## The task
Lines below that include "project" are the answer; copy each one.

## Recorded data
== Segment start ==
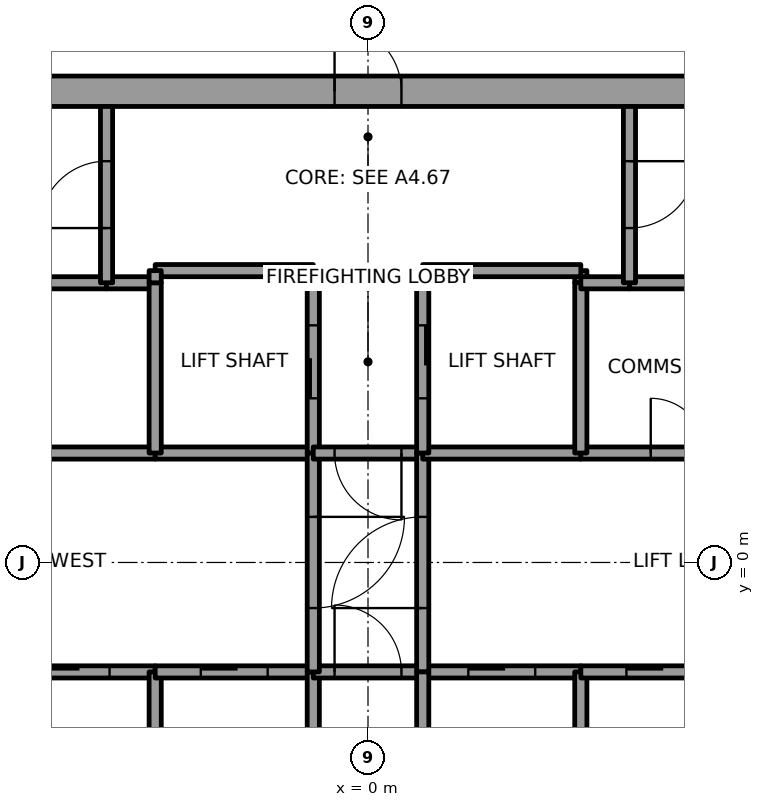
"""IFC4 building model, lengths in metres.
Left out: names, types, materials, properties, quantities, classifications, styles, units other than length and angle.
Written with IfcOpenShell. Run it as: python <this file> out.ifc"""

import sys

from ifc_helpers import new_model, si_unit, direction, frame, frame_2d, origin, place, context, subcontext, project, spatial, rectangle, extrude, element, fill, save


model = new_model("IFC4")
c1 = context("Model", 3, precision=1e-05, world=origin(), true_north=direction((0.0, 1.0)))
c2 = subcontext(c1, "Body", "Model", "MODEL_VIEW")
j1 = project(units=[si_unit("LENGTHUNIT", "METRE"), si_unit("PLANEANGLEUNIT", "RADIAN")], contexts=[c1])
p1 = place(None, origin())
s1 = spatial("IfcSite", under=j1, at=p1, CompositionType="ELEMENT")
p2 = place(p1, origin())
s2 = spatial("IfcBuilding", under=s1, at=p2, CompositionType="ELEMENT")
p3 = place(p2, frame((0.0, 0.0, 287.0)))
s3 = spatial("IfcBuildingStorey", under=s2, at=p3, CompositionType="ELEMENT", Elevation=287.0)
p4 = place(p3, frame((-11.0, 7.75, 0.0), z_axis=(0.0, 0.0, 1.0), x_axis=(1.0, 0.0, 0.0)))
e1 = element("IfcWall", 1, at=p4, inside=s3, PredefinedType="SHEAR", context=c2, shape_type="SweptSolid", body=[
    extrude(rectangle(XDim=22.0, YDim=0.5, at=frame_2d((11.0, 0.0))), origin(), (0.0, 0.0, 1.0), 4.0),
])
p5 = place(p4, frame((10.45, 0.0, 0.0)))
e2 = element("IfcOpeningElement", 2, at=p5, cuts=e1, PredefinedType="OPENING", context=c2, shape_type="SweptSolid", body=[
    extrude(rectangle(XDim=1.1, YDim=2.1, at=frame_2d((0.55, 1.05))), frame((0.0, 0.25, 0.0), z_axis=(0.0, -1.0, 0.0), x_axis=(1.0, 0.0, 0.0)), (0.0, 0.0, 1.0), 0.5),
])
p6 = place(p3, frame((-8.7, 1.8, 0.0), z_axis=(0.0, 0.0, 1.0), x_axis=(1.0, 0.0, 0.0)))
e3 = element("IfcWall", 3, at=p6, inside=s3, PredefinedType="SOLIDWALL", context=c2, shape_type="SweptSolid", body=[
    extrude(rectangle(XDim=5.2, YDim=0.2, at=frame_2d((2.6, 0.0))), origin(), (0.0, 0.0, 1.0), 3.85),
])
p7 = place(p6, frame((2.15, 0.0, 0.0)))
e4 = element("IfcOpeningElement", 4, at=p7, cuts=e3, PredefinedType="OPENING", context=c2, shape_type="SweptSolid", body=[
    extrude(rectangle(XDim=0.9, YDim=2.1, at=frame_2d((0.45, 1.05))), frame((0.0, 0.1, 0.0), z_axis=(0.0, -1.0, 0.0), x_axis=(1.0, 0.0, 0.0)), (0.0, 0.0, 1.0), 0.2),
])
p8 = place(p3, frame((-4.3, 4.6, 0.0), z_axis=(0.0, 0.0, 1.0), x_axis=(-1.0, 0.0, 0.0)))
e5 = element("IfcWall", 5, at=p8, inside=s3, PredefinedType="SOLIDWALL", context=c2, shape_type="SweptSolid", body=[
    extrude(rectangle(XDim=4.4, YDim=0.2, at=frame_2d((2.2, 0.0))), origin(), (0.0, 0.0, 1.0), 3.85),
])
p9 = place(p3, frame((-6.1, -1.8, 0.0), z_axis=(0.0, 0.0, 1.0), x_axis=(1.0, 0.0, 0.0)))
e6 = element("IfcWall", 6, at=p9, inside=s3, PredefinedType="SOLIDWALL", context=c2, shape_type="SweptSolid", body=[
    extrude(rectangle(XDim=2.6, YDim=0.2, at=frame_2d((1.3, 0.0))), origin(), (0.0, 0.0, 1.0), 3.85),
])
p10 = place(p9, frame((0.75, 0.0, 0.0)))
e7 = element("IfcOpeningElement", 7, at=p10, cuts=e6, PredefinedType="OPENING", context=c2, shape_type="SweptSolid", body=[
    extrude(rectangle(XDim=1.1, YDim=2.1, at=frame_2d((0.55, 1.05))), frame((0.0, 0.1, 0.0), z_axis=(0.0, -1.0, 0.0), x_axis=(1.0, 0.0, 0.0)), (0.0, 0.0, 1.0), 0.2),
])
p11 = place(p3, frame((-3.5, 4.6, 0.0), z_axis=(0.0, 0.0, 1.0), x_axis=(-1.0, 0.0, 0.0)))
e8 = element("IfcWall", 8, at=p11, inside=s3, PredefinedType="SOLIDWALL", context=c2, shape_type="SweptSolid", body=[
    extrude(rectangle(XDim=0.8, YDim=0.2, at=frame_2d((0.4, 0.0))), origin(), (0.0, 0.0, 1.0), 3.85),
])
p12 = place(p3, frame((-4.3, 4.6, 0.0), z_axis=(0.0, 0.0, 1.0), x_axis=(0.0, 1.0, 0.0)))
e9 = element("IfcWall", 9, at=p12, inside=s3, PredefinedType="SOLIDWALL", context=c2, shape_type="SweptSolid", body=[
    extrude(rectangle(XDim=2.9, YDim=0.2, at=frame_2d((1.45, 0.0))), origin(), (0.0, 0.0, 1.0), 3.85),
])
p13 = place(p12, frame((0.9, 0.0, 0.0)))
e10 = element("IfcOpeningElement", 10, at=p13, cuts=e9, PredefinedType="OPENING", context=c2, shape_type="SweptSolid", body=[
    extrude(rectangle(XDim=1.1, YDim=2.1, at=frame_2d((0.55, 1.05))), frame((0.0, 0.1, 0.0), z_axis=(0.0, -1.0, 0.0), x_axis=(1.0, 0.0, 0.0)), (0.0, 0.0, 1.0), 0.2),
])
p14 = place(p3, frame((-3.5, -4.6, 0.0), z_axis=(0.0, 0.0, 1.0), x_axis=(0.0, 1.0, 0.0)))
e11 = element("IfcWall", 11, at=p14, inside=s3, PredefinedType="SOLIDWALL", context=c2, shape_type="SweptSolid", body=[
    extrude(rectangle(XDim=2.8, YDim=0.2, at=frame_2d((1.4, 0.0))), origin(), (0.0, 0.0, 1.0), 3.85),
])
p15 = place(p3, frame((-3.5, -1.8, 0.0), z_axis=(0.0, 0.0, 1.0), x_axis=(1.0, 0.0, 0.0)))
e12 = element("IfcWall", 12, at=p15, inside=s3, PredefinedType="SOLIDWALL", context=c2, shape_type="SweptSolid", body=[
    extrude(rectangle(XDim=2.6, YDim=0.2, at=frame_2d((1.3, 0.0))), origin(), (0.0, 0.0, 1.0), 3.85),
])
p16 = place(p15, frame((0.75, 0.0, 0.0)))
e13 = element("IfcOpeningElement", 13, at=p16, cuts=e12, PredefinedType="OPENING", context=c2, shape_type="SweptSolid", body=[
    extrude(rectangle(XDim=1.1, YDim=2.1, at=frame_2d((0.55, 1.05))), frame((0.0, 0.1, 0.0), z_axis=(0.0, -1.0, 0.0), x_axis=(1.0, 0.0, 0.0)), (0.0, 0.0, 1.0), 0.2),
])
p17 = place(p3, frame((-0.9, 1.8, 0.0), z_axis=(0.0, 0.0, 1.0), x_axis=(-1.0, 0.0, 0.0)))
== Segment end ==
## Response to this exercise
from ifc_helpers import new_model, si_unit, direction, frame, frame_2d, origin, place, context, subcontext, project, spatial, rectangle, extrude, element, fill, save
j1 = project(units=[si_unit("LENGTHUNIT", "METRE"), si_unit("PLANEANGLEUNIT", "RADIAN")], contexts=[c1])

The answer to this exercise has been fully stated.